> **Work instructions**
In the records below, find the line holding "line L1 (0, 10) -> (2.5, 10)" and the line holding "line L3 (25, -30) -> (85, -30) construction". Set down both, with every line between them, exactly.
Start of Study material
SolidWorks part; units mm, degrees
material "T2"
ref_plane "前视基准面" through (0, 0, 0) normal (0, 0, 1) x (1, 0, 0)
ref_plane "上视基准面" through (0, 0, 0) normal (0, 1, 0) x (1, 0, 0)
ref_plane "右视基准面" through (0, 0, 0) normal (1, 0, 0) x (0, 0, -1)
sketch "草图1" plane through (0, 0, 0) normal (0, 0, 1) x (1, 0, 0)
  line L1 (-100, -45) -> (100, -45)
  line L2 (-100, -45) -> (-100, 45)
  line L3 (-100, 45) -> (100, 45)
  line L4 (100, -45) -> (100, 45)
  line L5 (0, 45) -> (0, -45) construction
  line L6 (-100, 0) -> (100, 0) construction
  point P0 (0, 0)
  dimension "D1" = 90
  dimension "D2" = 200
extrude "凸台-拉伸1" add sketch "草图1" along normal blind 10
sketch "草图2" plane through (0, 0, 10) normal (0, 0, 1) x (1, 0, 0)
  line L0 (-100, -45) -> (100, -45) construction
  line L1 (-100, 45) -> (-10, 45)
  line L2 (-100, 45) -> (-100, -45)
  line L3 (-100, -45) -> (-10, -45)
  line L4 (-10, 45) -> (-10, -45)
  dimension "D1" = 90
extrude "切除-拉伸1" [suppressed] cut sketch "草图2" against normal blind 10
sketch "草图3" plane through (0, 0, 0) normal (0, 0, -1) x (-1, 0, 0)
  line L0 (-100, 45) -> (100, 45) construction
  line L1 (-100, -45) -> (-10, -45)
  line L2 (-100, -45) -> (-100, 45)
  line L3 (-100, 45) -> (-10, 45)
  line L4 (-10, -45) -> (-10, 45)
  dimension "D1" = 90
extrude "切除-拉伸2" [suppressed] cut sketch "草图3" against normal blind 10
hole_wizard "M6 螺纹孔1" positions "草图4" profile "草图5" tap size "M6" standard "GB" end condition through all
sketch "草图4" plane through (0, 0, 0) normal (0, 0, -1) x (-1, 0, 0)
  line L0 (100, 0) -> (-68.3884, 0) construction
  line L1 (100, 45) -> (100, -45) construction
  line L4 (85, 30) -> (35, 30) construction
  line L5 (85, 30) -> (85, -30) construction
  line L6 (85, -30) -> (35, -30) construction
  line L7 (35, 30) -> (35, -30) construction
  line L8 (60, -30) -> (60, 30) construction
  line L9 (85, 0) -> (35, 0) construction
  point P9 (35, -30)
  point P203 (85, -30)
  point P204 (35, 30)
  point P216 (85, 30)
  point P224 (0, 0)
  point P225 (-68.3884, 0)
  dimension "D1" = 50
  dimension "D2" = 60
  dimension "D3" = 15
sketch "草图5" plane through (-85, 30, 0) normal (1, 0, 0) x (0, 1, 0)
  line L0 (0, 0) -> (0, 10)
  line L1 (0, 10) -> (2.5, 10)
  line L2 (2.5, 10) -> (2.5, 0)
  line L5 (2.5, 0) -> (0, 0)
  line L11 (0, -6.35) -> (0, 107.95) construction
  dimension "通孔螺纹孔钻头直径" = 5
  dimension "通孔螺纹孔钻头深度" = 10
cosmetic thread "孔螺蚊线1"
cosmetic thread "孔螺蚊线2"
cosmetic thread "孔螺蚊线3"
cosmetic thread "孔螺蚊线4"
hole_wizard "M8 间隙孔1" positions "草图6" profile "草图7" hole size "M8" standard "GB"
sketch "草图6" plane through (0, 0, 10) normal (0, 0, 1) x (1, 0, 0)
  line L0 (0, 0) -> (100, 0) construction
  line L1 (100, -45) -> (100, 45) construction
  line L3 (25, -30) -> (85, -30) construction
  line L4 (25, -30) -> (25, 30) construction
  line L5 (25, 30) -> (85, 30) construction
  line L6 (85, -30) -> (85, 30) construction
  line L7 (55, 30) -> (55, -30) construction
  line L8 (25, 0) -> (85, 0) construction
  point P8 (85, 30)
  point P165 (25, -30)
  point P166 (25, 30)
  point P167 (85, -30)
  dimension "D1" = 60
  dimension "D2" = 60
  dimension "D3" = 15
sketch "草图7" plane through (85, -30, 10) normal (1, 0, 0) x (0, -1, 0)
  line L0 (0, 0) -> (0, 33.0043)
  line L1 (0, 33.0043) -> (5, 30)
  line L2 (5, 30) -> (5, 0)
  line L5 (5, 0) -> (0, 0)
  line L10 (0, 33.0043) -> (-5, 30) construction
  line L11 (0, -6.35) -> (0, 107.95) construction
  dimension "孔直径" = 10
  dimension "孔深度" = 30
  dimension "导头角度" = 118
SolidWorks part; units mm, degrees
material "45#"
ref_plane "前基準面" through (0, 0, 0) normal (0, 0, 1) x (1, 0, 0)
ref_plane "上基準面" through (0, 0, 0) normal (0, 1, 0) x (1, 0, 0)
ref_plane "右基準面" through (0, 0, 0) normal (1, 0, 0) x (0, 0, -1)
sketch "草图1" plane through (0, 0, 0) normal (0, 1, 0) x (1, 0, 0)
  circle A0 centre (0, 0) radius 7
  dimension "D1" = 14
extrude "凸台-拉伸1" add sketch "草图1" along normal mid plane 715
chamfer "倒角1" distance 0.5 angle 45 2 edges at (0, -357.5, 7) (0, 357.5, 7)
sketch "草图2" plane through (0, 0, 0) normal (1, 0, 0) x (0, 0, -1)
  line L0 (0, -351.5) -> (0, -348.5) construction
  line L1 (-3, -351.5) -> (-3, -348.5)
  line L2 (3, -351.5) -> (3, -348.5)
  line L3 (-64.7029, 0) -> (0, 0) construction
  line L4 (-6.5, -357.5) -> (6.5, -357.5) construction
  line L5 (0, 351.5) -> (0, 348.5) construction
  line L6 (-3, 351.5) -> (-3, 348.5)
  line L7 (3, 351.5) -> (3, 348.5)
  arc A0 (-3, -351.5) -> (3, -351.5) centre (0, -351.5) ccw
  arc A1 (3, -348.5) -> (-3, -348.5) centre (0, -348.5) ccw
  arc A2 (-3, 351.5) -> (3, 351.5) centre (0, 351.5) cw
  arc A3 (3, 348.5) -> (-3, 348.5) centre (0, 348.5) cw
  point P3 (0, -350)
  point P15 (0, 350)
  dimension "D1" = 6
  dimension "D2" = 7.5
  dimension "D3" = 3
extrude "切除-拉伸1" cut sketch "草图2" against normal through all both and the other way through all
End of Study material
> **Answer to the exercise**
  line L1 (0, 10) -> (2.5, 10)
  line L2 (2.5, 10) -> (2.5, 0)
  line L5 (2.5, 0) -> (0, 0)
  line L11 (0, -6.35) -> (0, 107.95) construction
  dimension "通孔螺纹孔钻头直径" = 5
  dimension "通孔螺纹孔钻头深度" = 10
cosmetic thread "孔螺蚊线1"
cosmetic thread "孔螺蚊线2"
cosmetic thread "孔螺蚊线3"
cosmetic thread "孔螺蚊线4"
hole_wizard "M8 间隙孔1" positions "草图6" profile "草图7" hole size "M8" standard "GB"
sketch "草图6" plane through (0, 0, 10) normal (0, 0, 1) x (1, 0, 0)
  line L0 (0, 0) -> (100, 0) construction
  line L1 (100, -45) -> (100, 45) construction
  line L3 (25, -30) -> (85, -30) construction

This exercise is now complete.